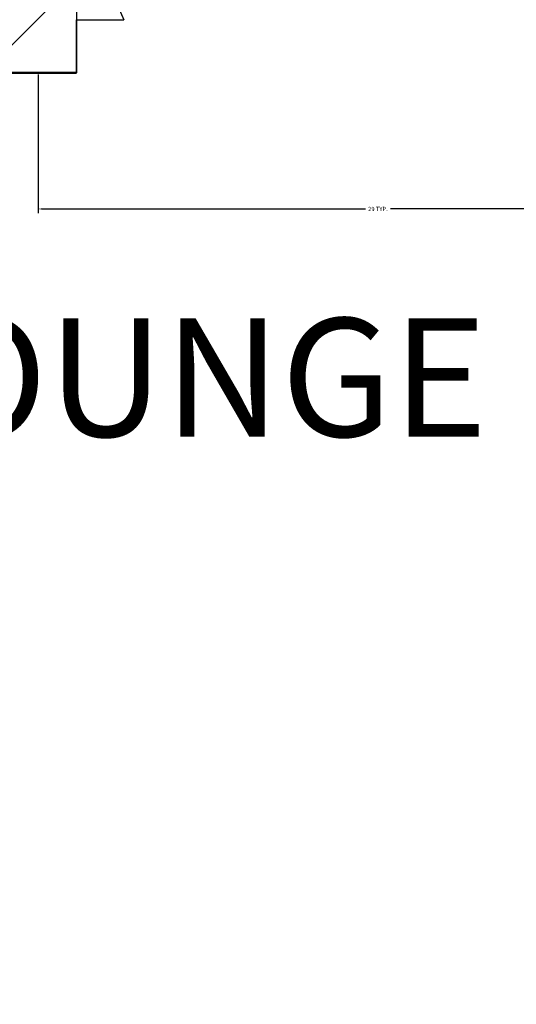
# Model space of a CAD drawing. Units: inches. Extents: x 963 to 2075, y 289 to 2657.
# Tile 64 of 98: x 1224 to 1245, y 2284 to 2325. Entities that reach past the tile are written whole.
import ezdxf

# ---------------------------------------------------------------- set-up
doc = ezdxf.new("R2010")
doc.units = ezdxf.units.IN
for name, color, linetype, lineweight in [('A-ANNO-DIMS', 2, 'Continuous', 18), ('A-AREA-IDEN', 7, 'Continuous', 18), ('A-DOOR', 4, 'Continuous', 25), ('A-WALL', 7, 'Continuous', 50), ('A-WALL-PATT', 8, 'Continuous', 13)]:
    doc.layers.add(name, color=color, linetype=linetype, lineweight=lineweight)
doc.styles.get("Standard").update_dxf_attribs({"font": 'arial.ttf'})
doc.dimstyles.get("Standard").update_dxf_attribs({"dimtxt": 0.18, "dimasz": 0.18, "dimexe": 0.18, "dimexo": 0.0625, "dimgap": 0.09, "dimtad": 0, "dimtih": 1, "dimtoh": 1, "dimdec": 4, "dimzin": 0, "dimdsep": 46, "dimtxsty": 'Standard', "dimcen": 0.09, "dimadec": 0, "dimazin": 0, "dimtfac": 1, "dimtdec": 4, "dimtofl": 0, "dimtmove": 0, "dimatfit": 3, "dimfxl": 1, "dimtolj": 1, "dimtzin": 0, "dimarcsym": 0})

# ---------------------------------------------------------------- blocks, each defined once
blk = doc.blocks.new('DOOR-1')
for p, q in [((25.385, 2.25), (25.385, 38.25)), ((0.325, 4.5), (0.325, 0)), ((27.385, 4.5), (27.385, 0)), ((0.325, 0), (0.325, 2.25)), ((0.325, 2.25), (2.325, 2.25)), ((27.385, 2.25), (25.385, 2.25)), ((27.385, 0), (27.385, 2.25))]:
    blk.add_line(p, q)
blk.add_arc((25.385, 12.864), 25.386, 90, 204.7158)
blk = doc.blocks.new('*D31')
at = {"layer": 'A-ANNO-DIMS', "color": 0, "lineweight": -2, "transparency": 16777216}
for p, q in [((1225.036, 2322.755), (1225.036, 2316.9)), ((1253.714, 2322.755), (1253.714, 2316.9)), ((1225.216, 2317.08), (1238.845, 2317.08)), ((1253.534, 2317.08), (1239.904, 2317.08))]:
    blk.add_line(p, q, dxfattribs=at)
at = {"layer": 'A-ANNO-DIMS', "color": 0, "transparency": 16777216}
for points in [[(1225.216, 2317.11), (1225.216, 2317.05), (1225.036, 2317.08)], [(1253.534, 2317.11), (1253.534, 2317.05), (1253.714, 2317.08)]]:
    blk.add_solid(points, dxfattribs=at)
at = {"layer": 'Defpoints', "color": 0, "transparency": 16777216}
for p in [(1225.036, 2322.818), (1253.714, 2322.818), (1253.714, 2317.08)]:
    blk.add_point(p, dxfattribs=at)
at = {"layer": 'A-ANNO-DIMS', "color": 0, "transparency": 16777216, "insert": (1239.375, 2317.08), "char_height": 0.18, "attachment_point": 5}
blk.add_mtext('\\A1;29 TYP.', dxfattribs=at)

msp = doc.modelspace()

# ---------------------------------------------------------------- hatches: boundary and pattern name
at = {"layer": 'A-WALL-PATT'}
h = msp.add_hatch(dxfattribs=at)
h.set_pattern_fill('ANSI32', color=256)
h.paths.add_polyline_path([(1296.922, 2558.318), (1203.922, 2558.318), (1203.922, 2493.818), (1191.533, 2493.818), (1191.533, 2489.318), (1211.063, 2489.318), (1211.063, 2492.02), (1211.063, 2493.818), (1208.422, 2493.818), (1208.422, 2553.818), (1292.422, 2553.818), (1292.422, 2538.863), (1296.922, 2538.863)])
h.paths.add_polyline_path([(1442.422, 2558.318), (1349.422, 2558.318), (1349.422, 2538.943), (1353.922, 2538.943), (1353.922, 2553.818), (1437.922, 2553.818), (1437.922, 2493.818), (1434.542, 2493.818), (1434.542, 2489.318), (1448.311, 2489.318), (1448.311, 2491.568), (1448.311, 2493.818), (1442.422, 2493.818)])
h.paths.add_polyline_path([(1415.554, 2491.568), (1415.554, 2493.818), (1340.941, 2493.818), (1340.941, 2489.318), (1371.922, 2489.318), (1371.922, 2378.318), (1367.596, 2378.318), (1367.596, 2373.818), (1371.922, 2373.818), (1371.922, 2355.185), (1376.422, 2355.185), (1376.422, 2489.318), (1415.554, 2489.318)])
h.paths.add_polyline_path([(1304.941, 2491.568), (1304.941, 2493.818), (1296.922, 2493.818), (1296.922, 2514.863), (1292.422, 2514.863), (1292.422, 2493.818), (1232.808, 2493.818), (1232.808, 2489.318), (1256.422, 2489.318), (1256.422, 2327.318), (1253.714, 2327.318), (1253.714, 2322.818), (1328.422, 2322.818), (1328.422, 2331.147), (1323.922, 2331.147), (1323.922, 2327.318), (1260.922, 2327.318), (1260.922, 2373.818), (1323.922, 2373.818), (1323.922, 2357.812), (1328.422, 2357.812), (1328.422, 2373.818), (1346.007, 2373.818), (1346.007, 2376.068), (1346.007, 2378.318), (1260.922, 2378.318), (1260.922, 2489.318), (1304.941, 2489.318)])
h.paths.add_polyline_path([(1226.654, 2327.318), (1124.422, 2327.318), (1124.422, 2347.447), (1119.922, 2347.447), (1119.922, 2322.818), (1163.422, 2322.818), (1163.422, 2305.435), (1165.672, 2305.435), (1167.922, 2305.435), (1167.922, 2322.818), (1226.654, 2322.818), (1226.654, 2325.068)])
h.paths.add_polyline_path([(1095.922, 2489.318), (1124.422, 2489.318), (1131.533, 2489.318), (1131.533, 2491.568), (1131.533, 2493.818), (1119.922, 2493.818), (1091.422, 2493.818), (1091.422, 2417.318), (1095.922, 2417.318), (1119.922, 2417.318), (1119.922, 2407.447), (1124.422, 2407.447), (1124.422, 2421.818), (1095.922, 2421.818)])
h.paths.add_polyline_path([(1512.922, 2558.318), (1508.422, 2558.318), (1508.422, 2493.818), (1503.401, 2493.818), (1503.401, 2489.318), (1508.422, 2489.318), (1508.422, 2327.318), (1376.422, 2327.318), (1376.422, 2330.273), (1371.922, 2330.273), (1371.922, 2298.744), (1376.422, 2298.744), (1376.422, 2322.818), (1508.422, 2322.818), (1508.422, 2165.318), (1504.255, 2165.318), (1504.255, 2160.818), (1508.422, 2160.818), (1508.422, 2108.318), (1512.922, 2108.318), (1512.922, 2160.818), (1516.182, 2160.818), (1516.182, 2163.068), (1516.182, 2165.318), (1512.922, 2165.318), (1512.922, 2322.818), (1644.922, 2322.818), (1644.922, 2298.744), (1649.422, 2298.744), (1649.422, 2322.818), (1649.422, 2330.944), (1647.172, 2330.944), (1644.922, 2330.944), (1644.922, 2327.318), (1512.922, 2327.318), (1512.922, 2489.318), (1516.759, 2489.318), (1516.759, 2491.568), (1516.759, 2493.818), (1512.922, 2493.818)])
h.paths.add_polyline_path([(1671.922, 2558.318), (1578.922, 2558.318), (1578.922, 2493.818), (1573.526, 2493.818), (1573.526, 2489.318), (1586.537, 2489.318), (1586.537, 2491.568), (1586.537, 2493.818), (1583.422, 2493.818), (1583.422, 2553.818), (1667.422, 2553.818), (1667.422, 2541.109), (1671.922, 2541.109)])
h.paths.add_polyline_path([(1681.257, 2493.818), (1671.922, 2493.818), (1671.922, 2517.109), (1667.422, 2517.109), (1667.422, 2493.818), (1610.218, 2493.818), (1610.218, 2489.318), (1644.922, 2489.318), (1644.922, 2357.865), (1649.422, 2357.865), (1649.422, 2373.818), (1652.203, 2373.818), (1652.203, 2375.827), (1652.203, 2378.318), (1649.422, 2378.318), (1649.422, 2489.318), (1681.257, 2489.318), (1681.257, 2491.568)])
h.paths.add_polyline_path([(1821.922, 2558.318), (1728.922, 2558.318), (1728.922, 2541), (1733.422, 2541), (1733.422, 2553.818), (1817.422, 2553.818), (1817.422, 2493.818), (1813.507, 2493.818), (1813.507, 2489.318), (1830.078, 2489.318), (1830.078, 2491.568), (1830.078, 2493.818), (1821.922, 2493.818)])
h.paths.add_polyline_path([(1794.244, 2493.818), (1717.257, 2493.818), (1717.257, 2489.318), (1760.422, 2489.318), (1760.422, 2378.318), (1674.401, 2378.318), (1674.401, 2373.818), (1692.922, 2373.818), (1692.922, 2356.954), (1697.422, 2356.954), (1697.422, 2373.818), (1760.422, 2373.818), (1760.422, 2327.318), (1697.422, 2327.318), (1697.422, 2333.341), (1692.922, 2333.341), (1692.922, 2322.818), (1768.037, 2322.818), (1768.037, 2325.068), (1768.037, 2327.318), (1764.922, 2327.318), (1764.922, 2489.318), (1794.244, 2489.318)])
h.paths.add_polyline_path([(1733.422, 2517), (1728.922, 2517), (1728.922, 2493.818), (1733.422, 2493.818)], flags=17)
h.paths.add_polyline_path([(1929.922, 2493.818), (1890.078, 2493.818), (1890.078, 2489.318), (1896.922, 2489.318), (1925.422, 2489.318), (1925.422, 2421.818), (1896.922, 2421.818), (1896.922, 2408.318), (1901.422, 2408.318), (1901.422, 2417.318), (1925.422, 2417.318), (1929.922, 2417.318)])
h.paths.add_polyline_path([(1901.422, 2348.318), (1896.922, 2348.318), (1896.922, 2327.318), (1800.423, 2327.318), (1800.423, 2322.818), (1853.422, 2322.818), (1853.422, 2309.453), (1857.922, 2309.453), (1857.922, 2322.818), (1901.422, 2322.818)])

▶ Task brief: Go through the listing and copy each line with the string "name".

▶ Solution to this problem:
for name, color, linetype, lineweight in [('A-ANNO-DIMS', 2, 'Continuous', 18), ('A-AREA-IDEN', 7, 'Continuous', 18), ('A-DOOR', 4, 'Continuous', 25), ('A-WALL', 7, 'Continuous', 50), ('A-WALL-PATT', 8, 'Continuous', 13)]:
    doc.layers.add(name, color=color, linetype=linetype, lineweight=lineweight)
# ---------------------------------------------------------------- hatches: boundary and pattern name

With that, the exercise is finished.